## PROBLEM REQUIREMENTS
From the first line of the data through the line containing "p5 = place(p4, frame((0.6, 0.0, 0.9)))", transcribe each line exactly. Pictures do not belong in the copy.

## LISTED RECORDS

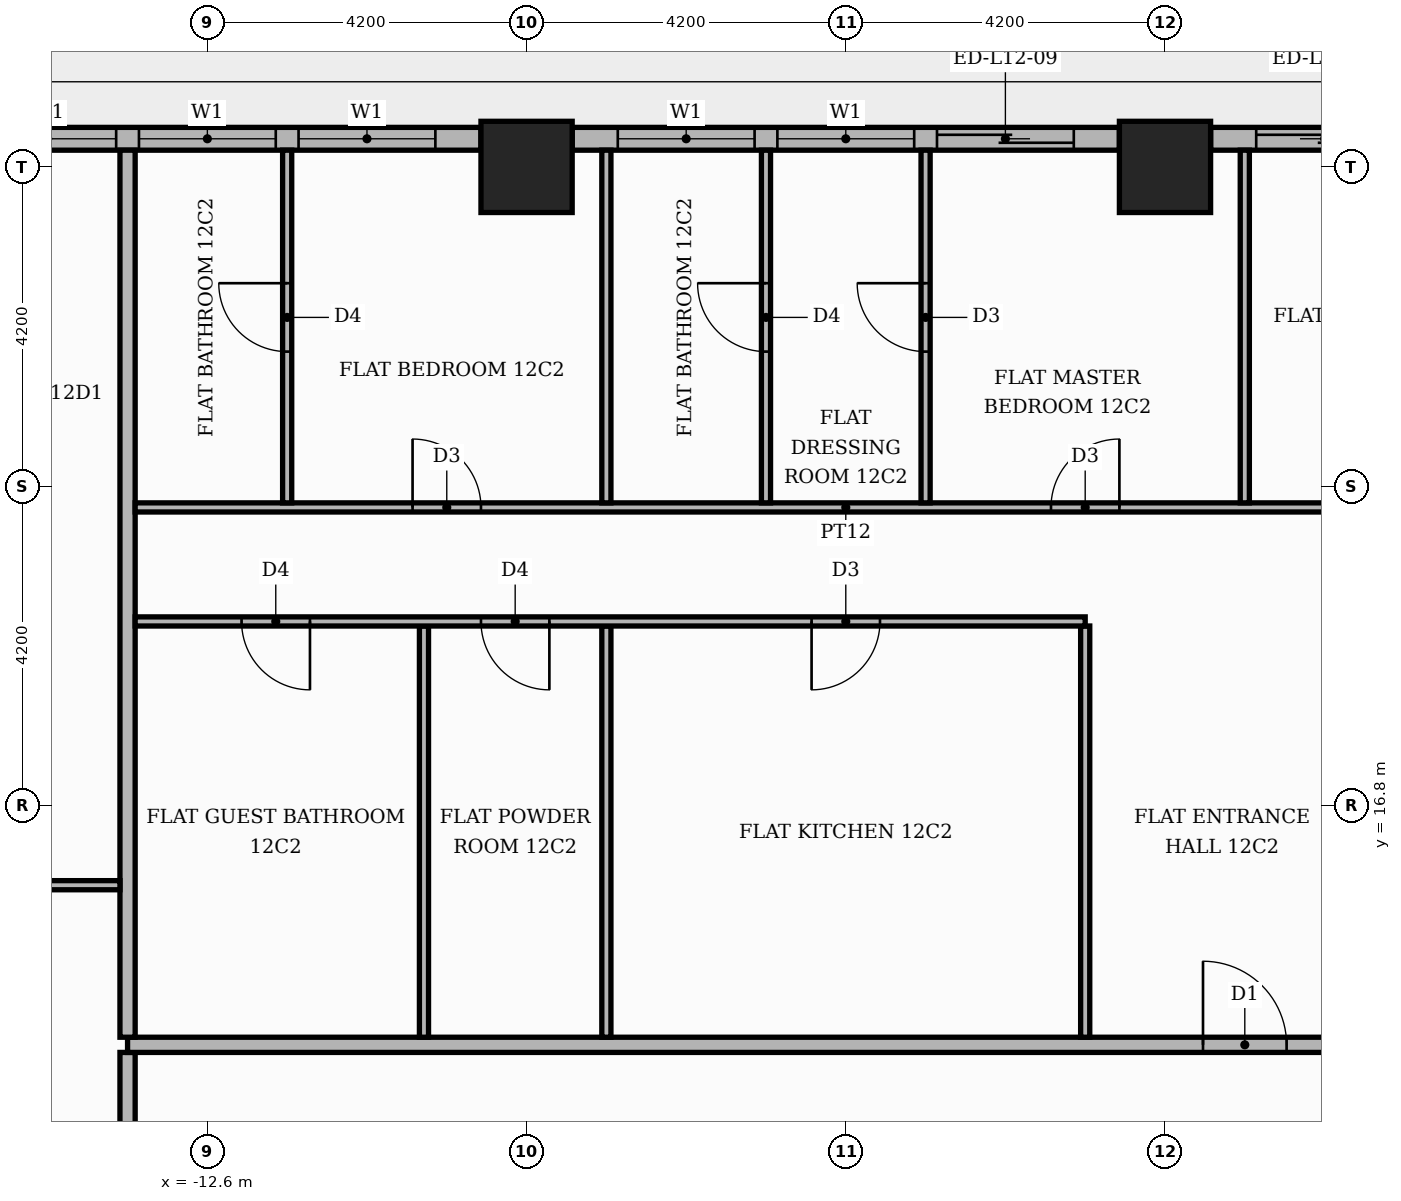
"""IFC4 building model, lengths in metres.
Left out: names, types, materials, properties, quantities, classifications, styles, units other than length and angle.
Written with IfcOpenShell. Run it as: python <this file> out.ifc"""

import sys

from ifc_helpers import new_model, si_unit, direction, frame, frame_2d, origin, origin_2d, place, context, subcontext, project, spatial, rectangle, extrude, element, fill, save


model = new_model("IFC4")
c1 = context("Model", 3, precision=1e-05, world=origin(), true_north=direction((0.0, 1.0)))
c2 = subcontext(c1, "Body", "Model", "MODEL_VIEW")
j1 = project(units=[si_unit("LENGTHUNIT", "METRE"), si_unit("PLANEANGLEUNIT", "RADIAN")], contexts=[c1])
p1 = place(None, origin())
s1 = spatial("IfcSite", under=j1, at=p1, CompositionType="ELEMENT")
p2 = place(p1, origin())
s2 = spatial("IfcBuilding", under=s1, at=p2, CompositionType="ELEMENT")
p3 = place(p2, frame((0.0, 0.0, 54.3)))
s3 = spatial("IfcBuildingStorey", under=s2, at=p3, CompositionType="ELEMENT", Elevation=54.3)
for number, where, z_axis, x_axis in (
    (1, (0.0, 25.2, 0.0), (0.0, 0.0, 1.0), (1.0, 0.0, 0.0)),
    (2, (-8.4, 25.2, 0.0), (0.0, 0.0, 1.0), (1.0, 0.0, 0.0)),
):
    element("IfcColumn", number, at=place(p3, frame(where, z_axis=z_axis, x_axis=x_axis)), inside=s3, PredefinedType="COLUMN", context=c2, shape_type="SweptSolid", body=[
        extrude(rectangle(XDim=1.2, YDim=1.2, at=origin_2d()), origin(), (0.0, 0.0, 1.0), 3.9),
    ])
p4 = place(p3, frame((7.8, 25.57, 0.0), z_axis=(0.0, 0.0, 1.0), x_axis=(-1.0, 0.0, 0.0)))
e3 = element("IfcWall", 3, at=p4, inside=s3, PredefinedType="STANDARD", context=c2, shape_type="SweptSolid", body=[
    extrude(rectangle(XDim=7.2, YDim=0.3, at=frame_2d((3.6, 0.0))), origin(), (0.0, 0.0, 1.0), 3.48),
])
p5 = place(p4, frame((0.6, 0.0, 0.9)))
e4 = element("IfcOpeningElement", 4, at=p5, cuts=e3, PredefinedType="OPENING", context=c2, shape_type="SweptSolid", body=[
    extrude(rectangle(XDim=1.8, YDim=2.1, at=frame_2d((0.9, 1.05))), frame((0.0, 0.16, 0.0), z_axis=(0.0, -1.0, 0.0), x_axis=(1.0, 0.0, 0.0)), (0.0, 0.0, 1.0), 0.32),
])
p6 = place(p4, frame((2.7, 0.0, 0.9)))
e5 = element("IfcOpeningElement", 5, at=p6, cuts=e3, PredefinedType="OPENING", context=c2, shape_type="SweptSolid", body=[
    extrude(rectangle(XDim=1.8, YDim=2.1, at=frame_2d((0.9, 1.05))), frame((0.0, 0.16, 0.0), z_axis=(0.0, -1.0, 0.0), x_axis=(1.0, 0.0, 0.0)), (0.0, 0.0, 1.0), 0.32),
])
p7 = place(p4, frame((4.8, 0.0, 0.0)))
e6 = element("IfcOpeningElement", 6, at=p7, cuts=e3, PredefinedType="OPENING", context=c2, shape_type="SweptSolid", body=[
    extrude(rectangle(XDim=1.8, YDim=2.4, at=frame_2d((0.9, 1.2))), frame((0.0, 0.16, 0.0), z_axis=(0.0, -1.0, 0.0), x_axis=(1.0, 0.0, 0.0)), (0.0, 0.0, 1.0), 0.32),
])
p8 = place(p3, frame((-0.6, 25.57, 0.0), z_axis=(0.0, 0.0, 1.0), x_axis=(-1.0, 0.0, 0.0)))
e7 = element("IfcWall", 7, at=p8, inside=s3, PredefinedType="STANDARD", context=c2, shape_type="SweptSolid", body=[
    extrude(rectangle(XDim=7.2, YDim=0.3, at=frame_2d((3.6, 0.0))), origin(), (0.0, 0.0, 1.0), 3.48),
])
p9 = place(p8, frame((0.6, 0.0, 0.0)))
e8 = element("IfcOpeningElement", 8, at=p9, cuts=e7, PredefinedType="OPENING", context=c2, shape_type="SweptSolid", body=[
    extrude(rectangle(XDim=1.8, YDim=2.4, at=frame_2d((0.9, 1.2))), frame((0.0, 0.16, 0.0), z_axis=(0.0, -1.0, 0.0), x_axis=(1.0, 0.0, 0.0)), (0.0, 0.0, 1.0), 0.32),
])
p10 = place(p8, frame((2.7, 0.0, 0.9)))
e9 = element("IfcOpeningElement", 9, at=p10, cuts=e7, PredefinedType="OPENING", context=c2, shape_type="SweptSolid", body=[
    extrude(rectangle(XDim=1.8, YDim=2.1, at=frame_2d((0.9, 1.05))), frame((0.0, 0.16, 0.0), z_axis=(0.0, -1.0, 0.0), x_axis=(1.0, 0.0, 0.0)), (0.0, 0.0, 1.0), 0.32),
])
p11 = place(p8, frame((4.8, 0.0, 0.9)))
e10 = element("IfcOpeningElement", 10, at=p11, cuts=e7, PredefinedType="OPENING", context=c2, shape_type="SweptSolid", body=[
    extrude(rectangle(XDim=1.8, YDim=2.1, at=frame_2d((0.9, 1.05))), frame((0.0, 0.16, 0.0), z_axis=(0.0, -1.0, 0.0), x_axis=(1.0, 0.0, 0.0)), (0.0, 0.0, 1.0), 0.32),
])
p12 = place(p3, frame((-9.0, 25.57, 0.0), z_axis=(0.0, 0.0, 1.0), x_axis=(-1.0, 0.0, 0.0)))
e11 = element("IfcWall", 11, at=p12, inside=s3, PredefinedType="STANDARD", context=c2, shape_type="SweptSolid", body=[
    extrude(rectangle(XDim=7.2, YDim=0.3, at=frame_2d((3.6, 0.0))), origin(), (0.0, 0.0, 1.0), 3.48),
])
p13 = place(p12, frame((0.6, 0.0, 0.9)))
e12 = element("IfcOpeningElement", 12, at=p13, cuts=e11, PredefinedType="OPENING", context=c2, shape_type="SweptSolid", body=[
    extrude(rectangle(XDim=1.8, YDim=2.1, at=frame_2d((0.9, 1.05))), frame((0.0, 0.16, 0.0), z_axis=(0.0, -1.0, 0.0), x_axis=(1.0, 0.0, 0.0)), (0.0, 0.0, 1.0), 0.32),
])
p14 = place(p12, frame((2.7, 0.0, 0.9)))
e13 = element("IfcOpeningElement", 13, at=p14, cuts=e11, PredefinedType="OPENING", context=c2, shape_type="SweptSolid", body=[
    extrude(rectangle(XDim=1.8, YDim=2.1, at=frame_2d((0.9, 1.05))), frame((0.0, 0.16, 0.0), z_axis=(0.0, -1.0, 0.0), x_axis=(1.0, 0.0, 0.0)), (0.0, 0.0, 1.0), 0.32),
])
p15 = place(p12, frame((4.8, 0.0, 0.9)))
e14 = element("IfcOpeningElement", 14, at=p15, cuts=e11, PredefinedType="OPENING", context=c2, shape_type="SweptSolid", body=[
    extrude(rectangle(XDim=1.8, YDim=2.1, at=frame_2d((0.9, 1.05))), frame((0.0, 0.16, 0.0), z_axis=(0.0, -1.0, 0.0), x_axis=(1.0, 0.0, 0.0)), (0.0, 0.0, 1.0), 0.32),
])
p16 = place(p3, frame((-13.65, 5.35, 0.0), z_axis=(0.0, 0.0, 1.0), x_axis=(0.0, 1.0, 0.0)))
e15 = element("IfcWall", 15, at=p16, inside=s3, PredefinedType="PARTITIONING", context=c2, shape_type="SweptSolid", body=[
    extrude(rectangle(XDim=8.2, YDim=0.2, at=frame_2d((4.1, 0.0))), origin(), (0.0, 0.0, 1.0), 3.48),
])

## ANSWER TO THE EXERCISE
"""IFC4 building model, lengths in metres.
Left out: names, types, materials, properties, quantities, classifications, styles, units other than length and angle.
Written with IfcOpenShell. Run it as: python <this file> out.ifc"""

import sys

from ifc_helpers import new_model, si_unit, direction, frame, frame_2d, origin, origin_2d, place, context, subcontext, project, spatial, rectangle, extrude, element, fill, save


model = new_model("IFC4")
c1 = context("Model", 3, precision=1e-05, world=origin(), true_north=direction((0.0, 1.0)))
c2 = subcontext(c1, "Body", "Model", "MODEL_VIEW")
j1 = project(units=[si_unit("LENGTHUNIT", "METRE"), si_unit("PLANEANGLEUNIT", "RADIAN")], contexts=[c1])
p1 = place(None, origin())
s1 = spatial("IfcSite", under=j1, at=p1, CompositionType="ELEMENT")
p2 = place(p1, origin())
s2 = spatial("IfcBuilding", under=s1, at=p2, CompositionType="ELEMENT")
p3 = place(p2, frame((0.0, 0.0, 54.3)))
s3 = spatial("IfcBuildingStorey", under=s2, at=p3, CompositionType="ELEMENT", Elevation=54.3)
for number, where, z_axis, x_axis in (
    (1, (0.0, 25.2, 0.0), (0.0, 0.0, 1.0), (1.0, 0.0, 0.0)),
    (2, (-8.4, 25.2, 0.0), (0.0, 0.0, 1.0), (1.0, 0.0, 0.0)),
):
    element("IfcColumn", number, at=place(p3, frame(where, z_axis=z_axis, x_axis=x_axis)), inside=s3, PredefinedType="COLUMN", context=c2, shape_type="SweptSolid", body=[
        extrude(rectangle(XDim=1.2, YDim=1.2, at=origin_2d()), origin(), (0.0, 0.0, 1.0), 3.9),
    ])
p4 = place(p3, frame((7.8, 25.57, 0.0), z_axis=(0.0, 0.0, 1.0), x_axis=(-1.0, 0.0, 0.0)))
e3 = element("IfcWall", 3, at=p4, inside=s3, PredefinedType="STANDARD", context=c2, shape_type="SweptSolid", body=[
    extrude(rectangle(XDim=7.2, YDim=0.3, at=frame_2d((3.6, 0.0))), origin(), (0.0, 0.0, 1.0), 3.48),
])
p5 = place(p4, frame((0.6, 0.0, 0.9)))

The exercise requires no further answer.